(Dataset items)
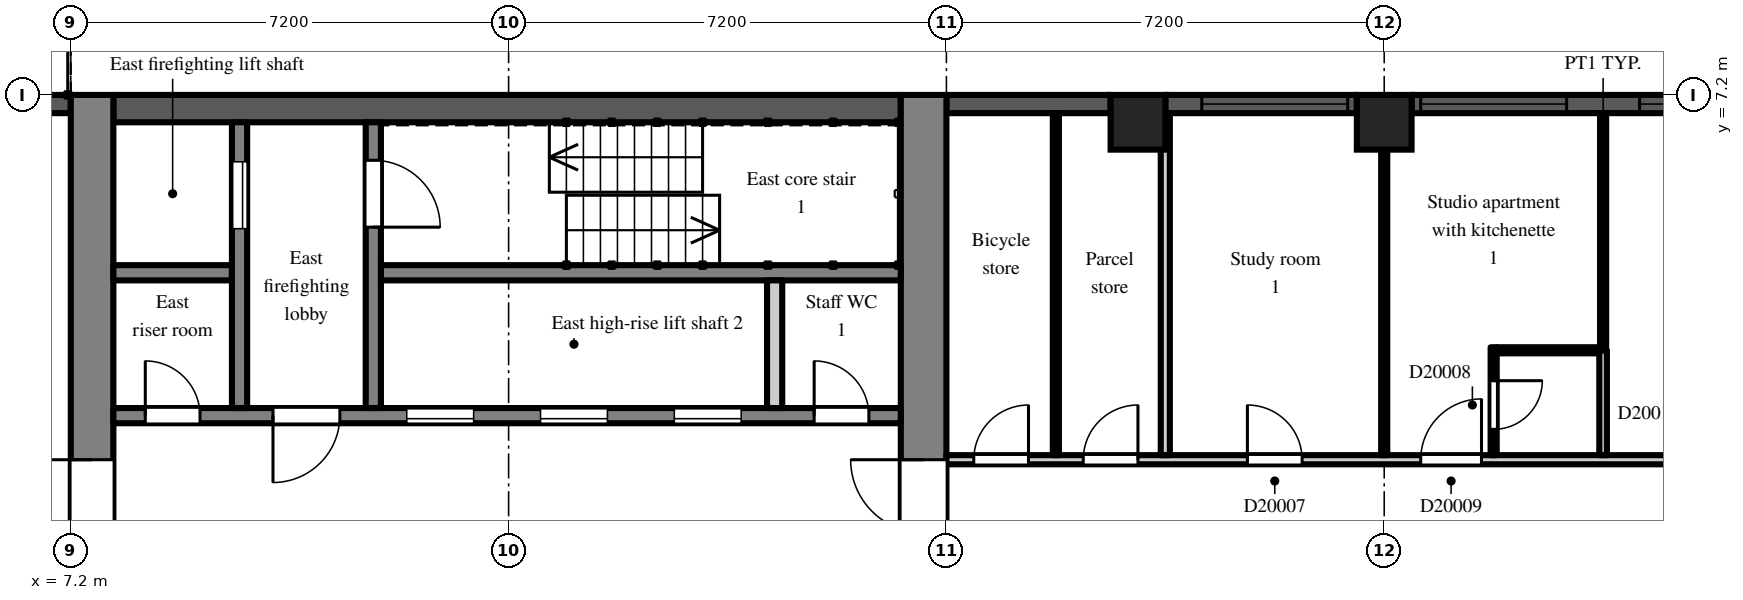
"""IFC4 building model, lengths in metres.
Left out: names, types, materials, properties, quantities, classifications, styles, units other than length and angle.
Written with IfcOpenShell. Run it as: python <this file> out.ifc"""

import sys

from ifc_helpers import new_model, si_unit, direction, frame, frame_2d, origin, origin_2d, place, context, subcontext, project, spatial, rectangle, extrude, element, fill, save


model = new_model("IFC4")
c1 = context("Model", 3, precision=1e-05, world=origin(), true_north=direction((0.0, 1.0)))
c2 = subcontext(c1, "Body", "Model", "MODEL_VIEW")
j1 = project(units=[si_unit("LENGTHUNIT", "METRE"), si_unit("PLANEANGLEUNIT", "RADIAN")], contexts=[c1])
p1 = place(None, origin())
s1 = spatial("IfcSite", under=j1, at=p1, CompositionType="ELEMENT")
p2 = place(p1, origin())
s2 = spatial("IfcBuilding", under=s1, at=p2, CompositionType="ELEMENT")
p3 = place(p2, frame((0.0, 0.0, 138.3)))
s3 = spatial("IfcBuildingStorey", under=s2, at=p3, CompositionType="ELEMENT", Elevation=138.3)
for number, where, z_axis, x_axis in (
    (1, (24.75, 6.75, 0.0), (0.0, 0.0, 1.0), (1.0, 0.0, 0.0)),
    (2, (28.8, 6.75, 0.0), (0.0, 0.0, 1.0), (1.0, 0.0, 0.0)),
):
    element("IfcColumn", number, at=place(p3, frame(where, z_axis=z_axis, x_axis=x_axis)), inside=s3, PredefinedType="COLUMN", context=c2, shape_type="SweptSolid", body=[
        extrude(rectangle(XDim=0.9, YDim=0.9, at=origin_2d()), origin(), (0.0, 0.0, 1.0), 3.0),
    ])
p4 = place(p3, frame((35.55, 7.05, 0.0), z_axis=(0.0, 0.0, 1.0), x_axis=(-1.0, 0.0, 0.0)))
e3 = element("IfcWall", 3, at=p4, inside=s3, PredefinedType="SOLIDWALL", context=c2, shape_type="SweptSolid", body=[
    extrude(rectangle(XDim=6.3, YDim=0.3, at=frame_2d((3.15, 0.0))), origin(), (0.0, 0.0, 1.0), 2.2),
])
p5 = place(p4, frame((0.15, 0.0, 0.2)))
e4 = element("IfcOpeningElement", 4, at=p5, cuts=e3, PredefinedType="OPENING", context=c2, shape_type="SweptSolid", body=[
    extrude(rectangle(XDim=2.4, YDim=1.85, at=frame_2d((1.2, 0.925))), frame((0.0, 0.16, 0.0), z_axis=(0.0, -1.0, 0.0), x_axis=(1.0, 0.0, 0.0)), (0.0, 0.0, 1.0), 0.32),
])
p6 = place(p4, frame((3.75, 0.0, 0.2)))
e5 = element("IfcOpeningElement", 5, at=p6, cuts=e3, PredefinedType="OPENING", context=c2, shape_type="SweptSolid", body=[
    extrude(rectangle(XDim=2.4, YDim=1.85, at=frame_2d((1.2, 0.925))), frame((0.0, 0.16, 0.0), z_axis=(0.0, -1.0, 0.0), x_axis=(1.0, 0.0, 0.0)), (0.0, 0.0, 1.0), 0.32),
])
p7 = place(p3, frame((28.35, 7.05, 0.0), z_axis=(0.0, 0.0, 1.0), x_axis=(-1.0, 0.0, 0.0)))
e6 = element("IfcWall", 6, at=p7, inside=s3, PredefinedType="SOLIDWALL", context=c2, shape_type="SweptSolid", body=[
    extrude(rectangle(XDim=3.15, YDim=0.3, at=frame_2d((1.575, 0.0))), origin(), (0.0, 0.0, 1.0), 2.2),
])
p8 = place(p7, frame((0.15, 0.0, 0.2)))
e7 = element("IfcOpeningElement", 7, at=p8, cuts=e6, PredefinedType="OPENING", context=c2, shape_type="SweptSolid", body=[
    extrude(rectangle(XDim=2.4, YDim=1.85, at=frame_2d((1.2, 0.925))), frame((0.0, 0.16, 0.0), z_axis=(0.0, -1.0, 0.0), x_axis=(1.0, 0.0, 0.0)), (0.0, 0.0, 1.0), 0.32),
])
p9 = place(p3, frame((24.3, 7.05, 0.0), z_axis=(0.0, 0.0, 1.0), x_axis=(-1.0, 0.0, 0.0)))
e8 = element("IfcWall", 8, at=p9, inside=s3, PredefinedType="SOLIDWALL", context=c2, shape_type="SweptSolid", body=[
    extrude(rectangle(XDim=2.7, YDim=0.3, at=frame_2d((1.35, 0.0))), origin(), (0.0, 0.0, 1.0), 2.2),
])
p10 = place(p3, frame((7.2, 7.05, 0.0), z_axis=(0.0, 0.0, 1.0), x_axis=(-1.0, 0.0, 0.0)))
e9 = element("IfcWall", 9, at=p10, inside=s3, PredefinedType="SOLIDWALL", context=c2, shape_type="SweptSolid", body=[
    extrude(rectangle(XDim=3.0, YDim=0.3, at=frame_2d((1.5, 0.0))), origin(), (0.0, 0.0, 1.0), 2.2),
])
p11 = place(p3, frame((7.55, -7.2, 0.0), z_axis=(0.0, 0.0, 1.0), x_axis=(0.0, 1.0, 0.0)))
e10 = element("IfcWall", 10, at=p11, inside=s3, PredefinedType="SHEAR", context=c2, shape_type="SweptSolid", body=[
    extrude(rectangle(XDim=14.4, YDim=0.7, at=frame_2d((7.2, 0.0))), origin(), (0.0, 0.0, 1.0), 2.6),
])
p12 = place(p11, frame((6.0, 0.0, 0.0)))
e11 = element("IfcOpeningElement", 11, at=p12, cuts=e10, PredefinedType="OPENING", context=c2, shape_type="SweptSolid", body=[
    extrude(rectangle(XDim=2.4, YDim=2.2, at=frame_2d((1.2, 1.1))), frame((0.0, 0.36, 0.0), z_axis=(0.0, -1.0, 0.0), x_axis=(1.0, 0.0, 0.0)), (0.0, 0.0, 1.0), 0.72),
])
p13 = place(p3, frame((21.225, -7.2, 0.0), z_axis=(0.0, 0.0, 1.0), x_axis=(0.0, 1.0, 0.0)))
e12 = element("IfcWall", 12, at=p13, inside=s3, PredefinedType="SHEAR", context=c2, shape_type="SweptSolid", body=[
    extrude(rectangle(XDim=14.4, YDim=0.75, at=frame_2d((7.2, 0.0))), origin(), (0.0, 0.0, 1.0), 2.6),
])
p14 = place(p13, frame((6.0, 0.0, 0.0)))
e13 = element("IfcOpeningElement", 13, at=p14, cuts=e12, PredefinedType="OPENING", context=c2, shape_type="SweptSolid", body=[
    extrude(rectangle(XDim=2.4, YDim=2.2, at=frame_2d((1.2, 1.1))), frame((0.0, 0.385, 0.0), z_axis=(0.0, -1.0, 0.0), x_axis=(1.0, 0.0, 0.0)), (0.0, 0.0, 1.0), 0.77),
])
p15 = place(p3, frame((7.9, 6.975, 0.0), z_axis=(0.0, 0.0, 1.0), x_axis=(1.0, 0.0, 0.0)))
e14 = element("IfcWall", 14, at=p15, inside=s3, PredefinedType="SHEAR", context=c2, shape_type="SweptSolid", body=[
    extrude(rectangle(XDim=12.95, YDim=0.45, at=frame_2d((6.475, 0.0))), origin(), (0.0, 0.0, 1.0), 2.6),
])
p16 = place(p3, frame((7.9, 1.925, 0.0), z_axis=(0.0, 0.0, 1.0), x_axis=(1.0, 0.0, 0.0)))
e15 = element("IfcWall", 15, at=p16, inside=s3, PredefinedType="SHEAR", context=c2, shape_type="SweptSolid", body=[
    extrude(rectangle(XDim=12.95, YDim=0.25, at=frame_2d((6.475, 0.0))), origin(), (0.0, 0.0, 1.0), 2.6),
])
p17 = place(p16, frame((4.825, 0.0, 0.0)))
e16 = element("IfcOpeningElement", 16, at=p17, cuts=e15, PredefinedType="OPENING", context=c2, shape_type="SweptSolid", body=[
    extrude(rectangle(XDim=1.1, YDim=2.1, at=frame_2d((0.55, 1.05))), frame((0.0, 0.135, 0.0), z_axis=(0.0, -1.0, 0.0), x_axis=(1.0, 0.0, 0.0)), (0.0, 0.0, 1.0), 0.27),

→ WORK ORDER: Working through the records, find each line containing the word "subcontext" and copy it.

→ SOLUTION:
from ifc_helpers import new_model, si_unit, direction, frame, frame_2d, origin, origin_2d, place, context, subcontext, project, spatial, rectangle, extrude, element, fill, save
c2 = subcontext(c1, "Body", "Model", "MODEL_VIEW")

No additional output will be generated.